The task: From the very first line of the data to the line containing "building model written", retype everything exactly, leaving the pictures behind.

Input data Block Start

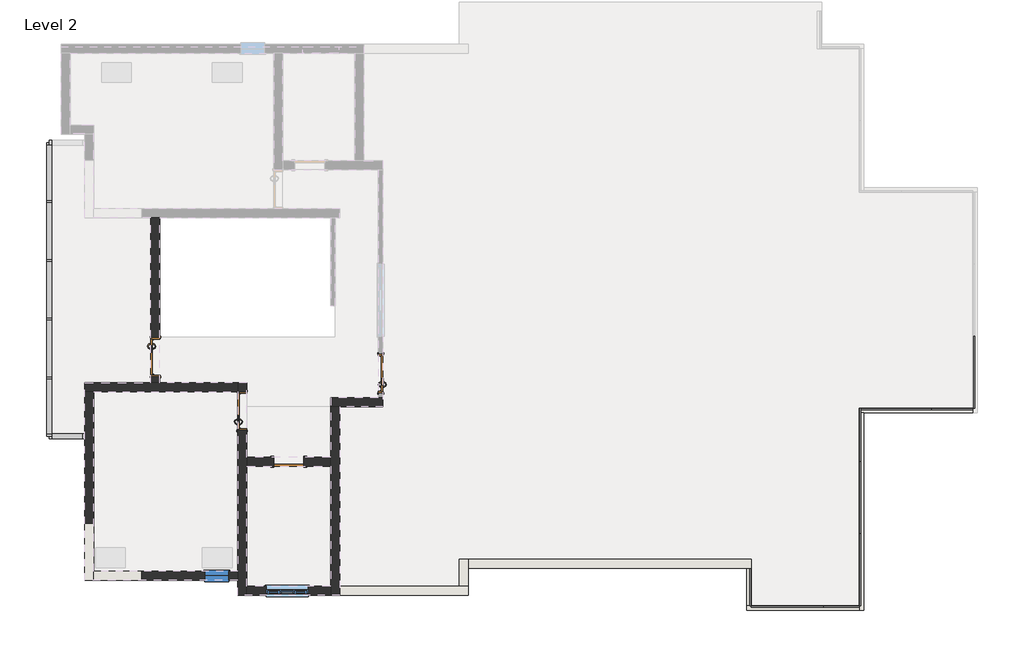
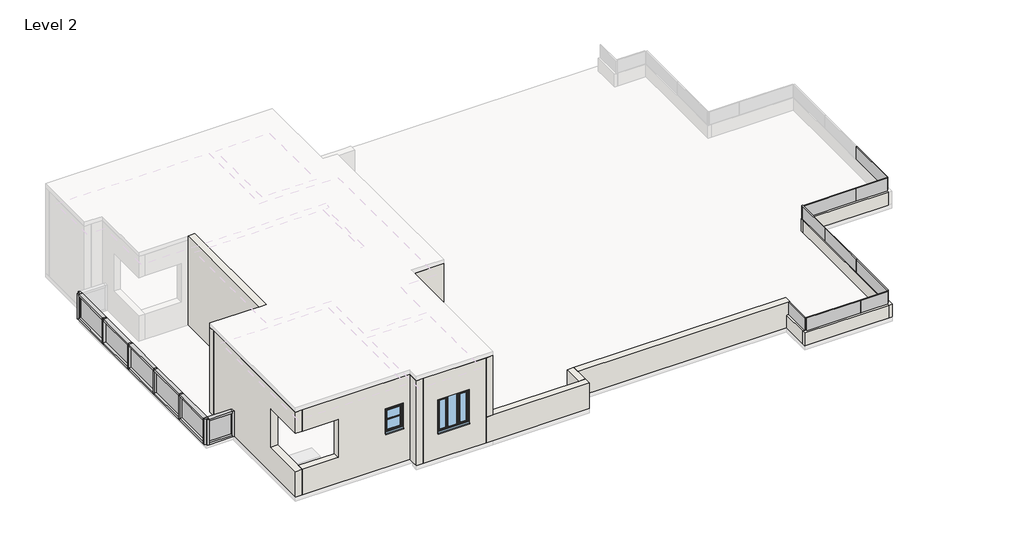
# One storey, part 1 of 2: 21 members, 16 walls, 15 plates, 4 doors, 2 windows.
"""IFC4 building model written with IfcOpenShell, lengths in millimetres."""

from ifc_helpers import new_model, si_unit, frame, origin, place, context, project, spatial, polyline, outline, extrude, faceted_brep, transform, mapped, element, save
from components import door_3dbecc4b, door_cca51ba5, door_181986ca, door_a1484949, member_429f6687, member_c646c215, member_7ec67256, member_73c23c35, member_410c6227, system_panel_glazed_cc3a876e, system_panel_glazed_f05af352, system_panel_glazed_b74e51ee, system_panel_glazed_cfd93610, system_panel_glazed_20ce4246, system_panel_glazed_26639370, system_panel_glazed_ff4fffb2, system_panel_glazed_c2969f63, windows_sgl_swept_head_window_2_x3_cc7253b0, window_63c4cdf6

model = new_model("IFC4")

# Units and contexts
model_context = context("Model", 3, world=origin())
ifc_project = project(units=[si_unit("LENGTHUNIT", "METRE", prefix="MILLI")], contexts=[model_context])

# Site, building, storey
site = spatial("IfcSite", under=ifc_project)
building = spatial("IfcBuilding", under=site)
storey = spatial("IfcBuildingStorey", under=building, Name="Level 2", Elevation=3200.4)

# Doors
placement = place(None, origin())
door_shape = door_3dbecc4b(model_context)
element("IfcDoor", 1, ObjectType="Doors_IntSgl_4 : Internal Door 3'3\"X7'", at=placement, inside=storey, context=model_context, shape_type="MappedRepresentation", body=[
    mapped(door_shape, transform((-3102.7378503, -1463.5864583, 3200.4), x_axis=(0.0, 1.0, 0.0), y_axis=(-1.0, 0.0, 0.0), z_axis=(0.0, 0.0, 1.0))),
])
door_2_shape = door_cca51ba5(model_context)
element("IfcDoor", 2, ObjectType="Doors_IntSgl_4 : Internal Door 3'3\"X7'", at=placement, inside=storey, context=model_context, shape_type="MappedRepresentation", body=[
    mapped(door_2_shape, transform((-5312.0457903, -91.9864583, 3200.4), x_axis=(0.0, -1.0, 0.0), y_axis=(1.0, 0.0, 0.0), z_axis=(0.0, 0.0, 1.0))),
])
door_3_shape = door_181986ca(model_context)
element("IfcDoor", 3, ObjectType="Doors_IntSgl_4 : Internal Door 3'3\"X7'", at=placement, inside=storey, context=model_context, shape_type="MappedRepresentation", body=[
    mapped(door_3_shape, transform((421.5121497, -511.0864583, 3200.4), x_axis=(0.0, 1.0, 0.0), y_axis=(-1.0, 0.0, 0.0), z_axis=(0.0, 0.0, 1.0))),
])
door_4_shape = door_a1484949(model_context)
element("IfcDoor", 4, ObjectType="Single-Flush : 2'6\"", at=placement, inside=storey, context=model_context, shape_type="MappedRepresentation", body=[
    mapped(door_4_shape, transform((-1921.6378503, -2759.0648645, 3200.4), x_axis=(-1.0, 0.0, 0.0), y_axis=(0.0, -1.0, 0.0), z_axis=(0.0, 0.0, 1.0))),
])

# Members
member_shape = member_429f6687(model_context)
element("IfcMember", 5, ObjectType="Rectangular Mullion : 2.5\" x 5\" rectangular", at=placement, inside=storey, context=model_context, shape_type="MappedRepresentation", body=[
    mapped(member_shape, transform((-7166.7378503, -2111.2864583, 4114.8), x_axis=(0.0, 0.0, 1.0), y_axis=(0.0, -1.0, 0.0), z_axis=(1.0, 0.0, 0.0))),
])
element("IfcMember", 6, ObjectType="Rectangular Mullion : 2.5\" x 5\" rectangular", at=placement, inside=storey, context=model_context, shape_type="MappedRepresentation", body=[
    mapped(member_shape, transform((-7954.1378503, -2111.2864583, 3200.4), x_axis=(0.0, 0.0, -1.0), y_axis=(0.0, -1.0, 0.0), z_axis=(-1.0, 0.0, 0.0))),
])
member_2_shape = member_c646c215(model_context)
element("IfcMember", 7, ObjectType="Rectangular Mullion : 2.5\" x 5\" rectangular", at=placement, inside=storey, context=model_context, shape_type="MappedRepresentation", body=[
    mapped(member_2_shape, transform((-8017.6378503, -2047.7864583, 4114.8), x_axis=(0.0, 0.0, 1.0), y_axis=(-1.0, 0.0, 0.0), z_axis=(0.0, -1.0, 0.0))),
])
element("IfcMember", 8, ObjectType="Rectangular Mullion : 2.5\" x 5\" rectangular", at=placement, inside=storey, context=model_context, shape_type="MappedRepresentation", body=[
    mapped(member_2_shape, transform((-8017.6378503, 3894.412299, 4114.8), x_axis=(0.0, 0.0, 1.0), y_axis=(-1.0, 0.0, 0.0), z_axis=(0.0, -1.0, 0.0))),
])
member_3_shape = member_7ec67256(model_context)
element("IfcMember", 9, ObjectType="Rectangular Mullion : 2.5\" x 5\" rectangular", at=placement, inside=storey, context=model_context, shape_type="MappedRepresentation", body=[
    mapped(member_3_shape, transform((-8017.6378503, 2400.9251098, 4114.8), x_axis=(0.0, 0.0, 1.0), y_axis=(-1.0, 0.0, 0.0), z_axis=(0.0, -1.0, 0.0))),
])
element("IfcMember", 10, ObjectType="Rectangular Mullion : 2.5\" x 5\" rectangular", at=placement, inside=storey, context=model_context, shape_type="MappedRepresentation", body=[
    mapped(member_3_shape, transform((-8017.6378503, 907.4379205, 4114.8), x_axis=(0.0, 0.0, 1.0), y_axis=(-1.0, 0.0, 0.0), z_axis=(0.0, -1.0, 0.0))),
])
element("IfcMember", 11, ObjectType="Rectangular Mullion : 2.5\" x 5\" rectangular", at=placement, inside=storey, context=model_context, shape_type="MappedRepresentation", body=[
    mapped(member_3_shape, transform((-8017.6378503, -586.0492687, 4114.8), x_axis=(0.0, 0.0, 1.0), y_axis=(-1.0, 0.0, 0.0), z_axis=(0.0, -1.0, 0.0))),
])
element("IfcMember", 12, ObjectType="Rectangular Mullion : 2.5\" x 5\" rectangular", at=placement, inside=storey, context=model_context, shape_type="MappedRepresentation", body=[
    mapped(member_2_shape, transform((-8017.6378503, 5292.6494886, 3200.4), x_axis=(0.0, 0.0, -1.0), y_axis=(-1.0, 0.0, 0.0), z_axis=(0.0, 1.0, 0.0))),
])
element("IfcMember", 13, ObjectType="Rectangular Mullion : 2.5\" x 5\" rectangular", at=placement, inside=storey, context=model_context, shape_type="MappedRepresentation", body=[
    mapped(member_2_shape, transform((-8017.6378503, -649.5492687, 3200.4), x_axis=(0.0, 0.0, -1.0), y_axis=(-1.0, 0.0, 0.0), z_axis=(0.0, 1.0, 0.0))),
])
element("IfcMember", 14, ObjectType="Rectangular Mullion : 2.5\" x 5\" rectangular", at=placement, inside=storey, context=model_context, shape_type="MappedRepresentation", body=[
    mapped(member_3_shape, transform((-8017.6378503, 3830.912299, 3200.4), x_axis=(0.0, 0.0, -1.0), y_axis=(-1.0, 0.0, 0.0), z_axis=(0.0, 1.0, 0.0))),
])
element("IfcMember", 15, ObjectType="Rectangular Mullion : 2.5\" x 5\" rectangular", at=placement, inside=storey, context=model_context, shape_type="MappedRepresentation", body=[
    mapped(member_3_shape, transform((-8017.6378503, 2337.4251098, 3200.4), x_axis=(0.0, 0.0, -1.0), y_axis=(-1.0, 0.0, 0.0), z_axis=(0.0, 1.0, 0.0))),
])
element("IfcMember", 16, ObjectType="Rectangular Mullion : 2.5\" x 5\" rectangular", at=placement, inside=storey, context=model_context, shape_type="MappedRepresentation", body=[
    mapped(member_3_shape, transform((-8017.6378503, 843.9379205, 3200.4), x_axis=(0.0, 0.0, -1.0), y_axis=(-1.0, 0.0, 0.0), z_axis=(0.0, 1.0, 0.0))),
])
member_4_shape = member_73c23c35(model_context)
element("IfcMember", 17, ObjectType="Rectangular Mullion : 2.5\" x 5\" rectangular", at=placement, inside=storey, context=model_context, shape_type="MappedRepresentation", body=[
    mapped(member_4_shape, transform((-8017.6378503, 5356.1494886, 3200.4), x_axis=(-1.0, 0.0, 0.0), y_axis=(0.0, 1.0, 0.0), z_axis=(0.0, 0.0, -1.0))),
])
element("IfcMember", 18, ObjectType="Rectangular Mullion : 2.5\" x 5\" rectangular", at=placement, inside=storey, context=model_context, shape_type="MappedRepresentation", body=[
    mapped(member_4_shape, transform((-8017.6378503, -2111.2864583, 3200.4), x_axis=(0.0, -1.0, 0.0), y_axis=(-1.0, 0.0, 0.0), z_axis=(0.0, 0.0, -1.0))),
])
element("IfcMember", 19, ObjectType="Rectangular Mullion : 2.5\" x 5\" rectangular", at=placement, inside=storey, context=model_context, shape_type="MappedRepresentation", body=[
    mapped(member_4_shape, transform((-7103.2378503, -2111.2864583, 3200.4), x_axis=(1.0, 0.0, 0.0), y_axis=(0.0, -1.0, 0.0), z_axis=(0.0, 0.0, -1.0))),
])
element("IfcMember", 20, ObjectType="Rectangular Mullion : 2.5\" x 5\" rectangular", at=placement, inside=storey, context=model_context, shape_type="MappedRepresentation", body=[
    mapped(member_4_shape, transform((-8017.6378503, 5356.1494886, 4114.8), x_axis=(0.0, 1.0, 0.0), y_axis=(-1.0, 0.0, 0.0), z_axis=(0.0, 0.0, 1.0))),
])
element("IfcMember", 21, ObjectType="Rectangular Mullion : 2.5\" x 5\" rectangular", at=placement, inside=storey, context=model_context, shape_type="MappedRepresentation", body=[
    mapped(member_4_shape, transform((-8017.6378503, -2111.2864583, 4114.8), x_axis=(-1.0, 0.0, 0.0), y_axis=(0.0, -1.0, 0.0), z_axis=(0.0, 0.0, 1.0))),
])
member_5_shape = member_410c6227(model_context)
element("IfcMember", 22, ObjectType="Rectangular Mullion : 2.5\" x 5\" rectangular", at=placement, inside=storey, context=model_context, shape_type="MappedRepresentation", body=[
    mapped(member_5_shape, transform((-8017.6378503, 3862.662299, 3200.4), x_axis=(0.0, -1.0, 0.0), y_axis=(-1.0, 0.0, 0.0), z_axis=(0.0, 0.0, -1.0))),
])
element("IfcMember", 23, ObjectType="Rectangular Mullion : 2.5\" x 5\" rectangular", at=placement, inside=storey, context=model_context, shape_type="MappedRepresentation", body=[
    mapped(member_5_shape, transform((-8017.6378503, 2369.1751098, 3200.4), x_axis=(0.0, -1.0, 0.0), y_axis=(-1.0, 0.0, 0.0), z_axis=(0.0, 0.0, -1.0))),
])
element("IfcMember", 24, ObjectType="Rectangular Mullion : 2.5\" x 5\" rectangular", at=placement, inside=storey, context=model_context, shape_type="MappedRepresentation", body=[
    mapped(member_5_shape, transform((-8017.6378503, 875.6879205, 3200.4), x_axis=(0.0, -1.0, 0.0), y_axis=(-1.0, 0.0, 0.0), z_axis=(0.0, 0.0, -1.0))),
])
element("IfcMember", 25, ObjectType="Rectangular Mullion : 2.5\" x 5\" rectangular", at=placement, inside=storey, context=model_context, shape_type="MappedRepresentation", body=[
    mapped(member_5_shape, transform((-8017.6378503, -617.7992687, 3200.4), x_axis=(0.0, -1.0, 0.0), y_axis=(-1.0, 0.0, 0.0), z_axis=(0.0, 0.0, -1.0))),
])

# Plates
system_panel_glazed_shape = system_panel_glazed_cc3a876e(model_context)
element("IfcPlate", 26, ObjectType="System Panel : Glazed", at=placement, inside=storey, context=model_context, shape_type="MappedRepresentation", body=[
    mapped(system_panel_glazed_shape, transform((9851.2621497, -5940.3364583, 3657.6), x_axis=(0.0, -1.0, 0.0), y_axis=(1.0, 0.0, 0.0), z_axis=(0.0, 0.0, 1.0))),
])
system_panel_glazed_2_shape = system_panel_glazed_f05af352(model_context)
element("IfcPlate", 27, ObjectType="System Panel : Glazed", at=placement, inside=storey, context=model_context, shape_type="MappedRepresentation", body=[
    mapped(system_panel_glazed_2_shape, transform((10765.6621499, -6416.5864583, 3657.6), x_axis=(1.0, 0.0, 0.0), y_axis=(0.0, 1.0, 0.0), z_axis=(0.0, 0.0, 1.0))),
])
element("IfcPlate", 28, ObjectType="System Panel : Glazed", at=placement, inside=storey, context=model_context, shape_type="MappedRepresentation", body=[
    mapped(system_panel_glazed_2_shape, transform((12594.4621497, -5502.1864581, 3657.6), x_axis=(0.0, 1.0, 0.0), y_axis=(-1.0, 0.0, 0.0), z_axis=(0.0, 0.0, 1.0))),
])
element("IfcPlate", 29, ObjectType="System Panel : Glazed", at=placement, inside=storey, context=model_context, shape_type="MappedRepresentation", body=[
    mapped(system_panel_glazed_2_shape, transform((12594.4621497, -3673.386458, 3657.6), x_axis=(0.0, 1.0, 0.0), y_axis=(-1.0, 0.0, 0.0), z_axis=(0.0, 0.0, 1.0))),
])
element("IfcPlate", 30, ObjectType="System Panel : Glazed", at=placement, inside=storey, context=model_context, shape_type="MappedRepresentation", body=[
    mapped(system_panel_glazed_2_shape, transform((13508.8621499, -1387.3864583, 3657.6), x_axis=(1.0, 0.0, 0.0), y_axis=(0.0, 1.0, 0.0), z_axis=(0.0, 0.0, 1.0))),
])
element("IfcPlate", 31, ObjectType="System Panel : Glazed", at=placement, inside=storey, context=model_context, shape_type="MappedRepresentation", body=[
    mapped(system_panel_glazed_2_shape, transform((15490.0621497, -472.9864581, 3657.6), x_axis=(0.0, 1.0, 0.0), y_axis=(-1.0, 0.0, 0.0), z_axis=(0.0, 0.0, 1.0))),
])
system_panel_glazed_3_shape = system_panel_glazed_b74e51ee(model_context)
element("IfcPlate", 32, ObjectType="System Panel : Glazed", at=placement, inside=storey, context=model_context, shape_type="MappedRepresentation", body=[
    mapped(system_panel_glazed_3_shape, transform((12137.2621499, -6416.5864583, 3657.6), x_axis=(1.0, 0.0, 0.0), y_axis=(0.0, 1.0, 0.0), z_axis=(0.0, 0.0, 1.0))),
])
system_panel_glazed_4_shape = system_panel_glazed_cfd93610(model_context)
element("IfcPlate", 33, ObjectType="System Panel : Glazed", at=placement, inside=storey, context=model_context, shape_type="MappedRepresentation", body=[
    mapped(system_panel_glazed_4_shape, transform((12594.4621497, -2073.1864581, 3657.6), x_axis=(0.0, 1.0, 0.0), y_axis=(-1.0, 0.0, 0.0), z_axis=(0.0, 0.0, 1.0))),
])
system_panel_glazed_5_shape = system_panel_glazed_20ce4246(model_context)
element("IfcPlate", 34, ObjectType="System Panel : Glazed", at=placement, inside=storey, context=model_context, shape_type="MappedRepresentation", body=[
    mapped(system_panel_glazed_5_shape, transform((14956.6621499, -1387.3864583, 3657.6), x_axis=(1.0, 0.0, 0.0), y_axis=(0.0, 1.0, 0.0), z_axis=(0.0, 0.0, 1.0))),
])
system_panel_glazed_6_shape = system_panel_glazed_26639370(model_context)
element("IfcPlate", 35, ObjectType="System Panel : Glazed", at=placement, inside=storey, context=model_context, shape_type="MappedRepresentation", body=[
    mapped(system_panel_glazed_6_shape, transform((-7560.4378503, -2111.2864583, 3263.9), x_axis=(1.0, 0.0, 0.0), y_axis=(0.0, 1.0, 0.0), z_axis=(0.0, 0.0, 1.0))),
])
system_panel_glazed_7_shape = system_panel_glazed_ff4fffb2(model_context)
element("IfcPlate", 36, ObjectType="System Panel : Glazed", at=placement, inside=storey, context=model_context, shape_type="MappedRepresentation", body=[
    mapped(system_panel_glazed_7_shape, transform((-8017.6378503, 4593.5308938, 3263.9), x_axis=(0.0, -1.0, 0.0), y_axis=(1.0, 0.0, 0.0), z_axis=(0.0, 0.0, 1.0))),
])
element("IfcPlate", 37, ObjectType="System Panel : Glazed", at=placement, inside=storey, context=model_context, shape_type="MappedRepresentation", body=[
    mapped(system_panel_glazed_7_shape, transform((-8017.6378503, -1348.6678635, 3263.9), x_axis=(0.0, -1.0, 0.0), y_axis=(1.0, 0.0, 0.0), z_axis=(0.0, 0.0, 1.0))),
])
system_panel_glazed_8_shape = system_panel_glazed_c2969f63(model_context)
element("IfcPlate", 38, ObjectType="System Panel : Glazed", at=placement, inside=storey, context=model_context, shape_type="MappedRepresentation", body=[
    mapped(system_panel_glazed_8_shape, transform((-8017.6378503, 3115.9187044, 3263.9), x_axis=(0.0, -1.0, 0.0), y_axis=(1.0, 0.0, 0.0), z_axis=(0.0, 0.0, 1.0))),
])
element("IfcPlate", 39, ObjectType="System Panel : Glazed", at=placement, inside=storey, context=model_context, shape_type="MappedRepresentation", body=[
    mapped(system_panel_glazed_8_shape, transform((-8017.6378503, 1622.4315152, 3263.9), x_axis=(0.0, -1.0, 0.0), y_axis=(1.0, 0.0, 0.0), z_axis=(0.0, 0.0, 1.0))),
])
element("IfcPlate", 40, ObjectType="System Panel : Glazed", at=placement, inside=storey, context=model_context, shape_type="MappedRepresentation", body=[
    mapped(system_panel_glazed_8_shape, transform((-8017.6378503, 128.9443259, 3263.9), x_axis=(0.0, -1.0, 0.0), y_axis=(1.0, 0.0, 0.0), z_axis=(0.0, 0.0, 1.0))),
])

# Walls
element("IfcWall", 41, ObjectType="Generic - 4.5\"", at=placement, inside=storey, context=model_context, shape_type="Brep", body=[
    faceted_brep([(15490.0621497, -1387.3864583, 3200.4), (12594.4621497, -1387.3864583, 3200.4), (12594.4621497, -1387.3864583, 3657.6), (15490.0621497, -1387.3864583, 3657.6), (15490.0621497, -1501.6864583, 3200.4), (15490.0621497, -1501.6864583, 3657.6), (12708.7621497, -1501.6864583, 3657.6), (12594.4621497, -1501.6864583, 3657.6), (12594.4621497, -1501.6864583, 3200.4), (12708.7621497, -1501.6864583, 3200.4)], [[[0, 1, 2, 3]], [[4, 5, 6, 7, 8, 9]], [[1, 0, 4, 9, 8]], [[3, 2, 7, 6, 5]], [[0, 3, 5, 4]], [[2, 1, 8, 7]]]),
])
element("IfcWall", 42, ObjectType="Generic - 4.5\"", at=placement, inside=storey, context=model_context, shape_type="Brep", body=[
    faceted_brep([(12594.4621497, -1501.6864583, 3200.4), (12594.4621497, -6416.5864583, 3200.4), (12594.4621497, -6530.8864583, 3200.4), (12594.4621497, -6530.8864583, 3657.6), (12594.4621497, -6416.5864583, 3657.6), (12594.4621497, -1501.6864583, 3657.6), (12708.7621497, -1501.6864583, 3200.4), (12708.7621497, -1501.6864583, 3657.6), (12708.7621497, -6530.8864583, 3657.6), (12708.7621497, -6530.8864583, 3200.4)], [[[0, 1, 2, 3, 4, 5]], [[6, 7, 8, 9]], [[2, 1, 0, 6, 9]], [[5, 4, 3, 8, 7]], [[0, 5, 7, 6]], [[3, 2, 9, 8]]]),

Input data Block End

Your solution:
# One storey, part 1 of 2: 21 members, 16 walls, 15 plates, 4 doors, 2 windows.
"""IFC4 building model written with IfcOpenShell, lengths in millimetres."""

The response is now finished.